_DATASET RECORDS_
* * * *
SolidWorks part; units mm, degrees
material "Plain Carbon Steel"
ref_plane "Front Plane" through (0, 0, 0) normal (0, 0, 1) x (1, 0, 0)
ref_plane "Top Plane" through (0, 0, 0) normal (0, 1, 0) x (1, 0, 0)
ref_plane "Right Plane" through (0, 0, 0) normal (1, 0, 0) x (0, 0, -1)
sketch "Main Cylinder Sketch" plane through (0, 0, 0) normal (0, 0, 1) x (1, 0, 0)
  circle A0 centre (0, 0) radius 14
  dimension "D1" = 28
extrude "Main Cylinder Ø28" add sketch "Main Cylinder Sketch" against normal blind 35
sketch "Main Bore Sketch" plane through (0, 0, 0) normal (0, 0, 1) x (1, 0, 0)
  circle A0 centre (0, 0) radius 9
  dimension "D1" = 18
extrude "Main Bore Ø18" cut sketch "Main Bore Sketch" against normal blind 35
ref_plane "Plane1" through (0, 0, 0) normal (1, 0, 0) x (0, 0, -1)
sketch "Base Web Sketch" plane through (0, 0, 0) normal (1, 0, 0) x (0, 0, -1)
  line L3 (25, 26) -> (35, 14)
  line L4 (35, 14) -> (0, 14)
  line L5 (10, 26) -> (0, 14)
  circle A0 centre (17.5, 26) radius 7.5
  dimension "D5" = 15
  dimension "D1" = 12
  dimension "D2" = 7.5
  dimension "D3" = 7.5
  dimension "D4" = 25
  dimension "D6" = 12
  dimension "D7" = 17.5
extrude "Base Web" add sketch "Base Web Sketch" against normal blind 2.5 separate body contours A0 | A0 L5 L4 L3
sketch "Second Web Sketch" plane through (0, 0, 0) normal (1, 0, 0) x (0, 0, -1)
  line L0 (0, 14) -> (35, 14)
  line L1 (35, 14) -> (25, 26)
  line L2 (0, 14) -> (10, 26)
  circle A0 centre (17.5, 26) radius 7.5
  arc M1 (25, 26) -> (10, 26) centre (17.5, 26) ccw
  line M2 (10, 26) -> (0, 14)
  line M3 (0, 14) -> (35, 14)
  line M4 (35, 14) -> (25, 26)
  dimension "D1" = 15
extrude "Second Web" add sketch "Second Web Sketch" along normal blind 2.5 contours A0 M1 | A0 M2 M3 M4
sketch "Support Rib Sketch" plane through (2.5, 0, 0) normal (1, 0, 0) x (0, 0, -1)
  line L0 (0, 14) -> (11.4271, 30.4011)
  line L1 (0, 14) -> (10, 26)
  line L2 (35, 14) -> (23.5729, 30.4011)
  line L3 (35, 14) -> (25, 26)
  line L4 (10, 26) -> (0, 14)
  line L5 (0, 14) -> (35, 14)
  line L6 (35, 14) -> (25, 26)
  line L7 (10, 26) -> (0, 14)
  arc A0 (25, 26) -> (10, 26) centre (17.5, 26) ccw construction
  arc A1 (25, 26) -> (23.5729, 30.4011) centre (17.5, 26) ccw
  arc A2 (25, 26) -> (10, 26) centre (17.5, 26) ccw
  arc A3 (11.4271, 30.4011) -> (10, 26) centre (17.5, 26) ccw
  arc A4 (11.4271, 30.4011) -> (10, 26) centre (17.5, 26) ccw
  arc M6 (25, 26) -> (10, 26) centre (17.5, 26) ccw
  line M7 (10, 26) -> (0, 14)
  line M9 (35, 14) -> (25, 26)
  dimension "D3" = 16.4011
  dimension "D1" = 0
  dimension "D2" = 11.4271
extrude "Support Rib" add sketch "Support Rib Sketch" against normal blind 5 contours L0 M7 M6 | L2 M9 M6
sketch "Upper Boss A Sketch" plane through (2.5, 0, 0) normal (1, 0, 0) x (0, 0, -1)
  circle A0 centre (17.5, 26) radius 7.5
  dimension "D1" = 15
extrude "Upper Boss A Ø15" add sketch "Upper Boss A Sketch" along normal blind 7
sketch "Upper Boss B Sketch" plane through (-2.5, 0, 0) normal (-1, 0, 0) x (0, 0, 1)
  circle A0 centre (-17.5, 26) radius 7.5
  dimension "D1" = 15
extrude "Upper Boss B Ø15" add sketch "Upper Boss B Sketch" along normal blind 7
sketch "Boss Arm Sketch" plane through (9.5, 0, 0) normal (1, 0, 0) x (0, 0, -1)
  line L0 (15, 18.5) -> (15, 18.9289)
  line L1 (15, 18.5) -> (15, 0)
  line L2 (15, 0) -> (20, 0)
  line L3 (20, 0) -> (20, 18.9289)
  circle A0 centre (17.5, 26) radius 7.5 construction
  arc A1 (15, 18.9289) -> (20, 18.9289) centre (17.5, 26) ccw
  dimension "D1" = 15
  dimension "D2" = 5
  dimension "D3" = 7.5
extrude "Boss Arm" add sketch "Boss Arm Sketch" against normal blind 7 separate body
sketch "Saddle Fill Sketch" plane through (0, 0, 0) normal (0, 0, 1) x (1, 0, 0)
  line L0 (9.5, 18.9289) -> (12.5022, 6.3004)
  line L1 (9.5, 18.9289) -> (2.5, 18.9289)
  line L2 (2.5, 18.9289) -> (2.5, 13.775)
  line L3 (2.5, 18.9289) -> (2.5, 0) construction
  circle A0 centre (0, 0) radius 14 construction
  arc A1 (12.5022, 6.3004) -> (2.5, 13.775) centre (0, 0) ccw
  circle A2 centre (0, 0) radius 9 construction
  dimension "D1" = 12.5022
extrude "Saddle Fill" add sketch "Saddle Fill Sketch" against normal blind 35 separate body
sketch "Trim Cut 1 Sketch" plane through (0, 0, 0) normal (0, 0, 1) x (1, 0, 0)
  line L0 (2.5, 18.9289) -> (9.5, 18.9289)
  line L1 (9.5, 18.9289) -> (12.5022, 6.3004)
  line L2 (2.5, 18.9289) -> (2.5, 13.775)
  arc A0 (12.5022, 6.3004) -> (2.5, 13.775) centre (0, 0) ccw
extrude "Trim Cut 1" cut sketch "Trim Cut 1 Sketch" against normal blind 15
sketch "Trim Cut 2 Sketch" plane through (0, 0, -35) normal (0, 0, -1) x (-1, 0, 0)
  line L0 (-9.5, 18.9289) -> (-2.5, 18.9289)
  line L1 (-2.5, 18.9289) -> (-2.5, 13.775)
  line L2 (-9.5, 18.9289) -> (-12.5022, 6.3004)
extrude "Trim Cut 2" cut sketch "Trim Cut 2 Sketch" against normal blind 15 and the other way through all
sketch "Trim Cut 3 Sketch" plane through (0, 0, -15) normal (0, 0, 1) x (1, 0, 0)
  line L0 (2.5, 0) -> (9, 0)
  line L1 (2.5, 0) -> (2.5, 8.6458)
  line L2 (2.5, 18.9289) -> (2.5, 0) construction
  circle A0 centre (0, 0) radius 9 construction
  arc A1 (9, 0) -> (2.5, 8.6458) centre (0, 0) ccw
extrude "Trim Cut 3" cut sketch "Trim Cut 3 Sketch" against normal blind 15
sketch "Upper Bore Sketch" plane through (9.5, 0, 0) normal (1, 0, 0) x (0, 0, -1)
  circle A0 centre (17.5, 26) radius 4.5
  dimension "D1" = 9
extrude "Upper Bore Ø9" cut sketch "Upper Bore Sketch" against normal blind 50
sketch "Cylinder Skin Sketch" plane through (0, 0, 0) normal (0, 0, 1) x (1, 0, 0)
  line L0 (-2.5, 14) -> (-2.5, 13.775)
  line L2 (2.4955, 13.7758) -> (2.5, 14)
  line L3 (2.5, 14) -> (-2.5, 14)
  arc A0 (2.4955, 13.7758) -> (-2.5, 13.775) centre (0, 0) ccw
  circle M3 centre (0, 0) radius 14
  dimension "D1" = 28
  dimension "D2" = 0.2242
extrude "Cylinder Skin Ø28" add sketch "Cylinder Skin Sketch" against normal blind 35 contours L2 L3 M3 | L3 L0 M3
* * * *
_ASSIGNMENT_
In the listing above, each line with the word "radius" is to be copied out.

_EXERCISE ANSWER_
  circle A0 centre (0, 0) radius 14
  circle A0 centre (0, 0) radius 9
  circle A0 centre (17.5, 26) radius 7.5
  circle A0 centre (17.5, 26) radius 7.5
  circle A0 centre (17.5, 26) radius 7.5
  circle A0 centre (-17.5, 26) radius 7.5
  circle A0 centre (17.5, 26) radius 7.5 construction
  circle A0 centre (0, 0) radius 14 construction
  circle A2 centre (0, 0) radius 9 construction
  circle A0 centre (0, 0) radius 9 construction
  circle A0 centre (17.5, 26) radius 4.5
  circle M3 centre (0, 0) radius 14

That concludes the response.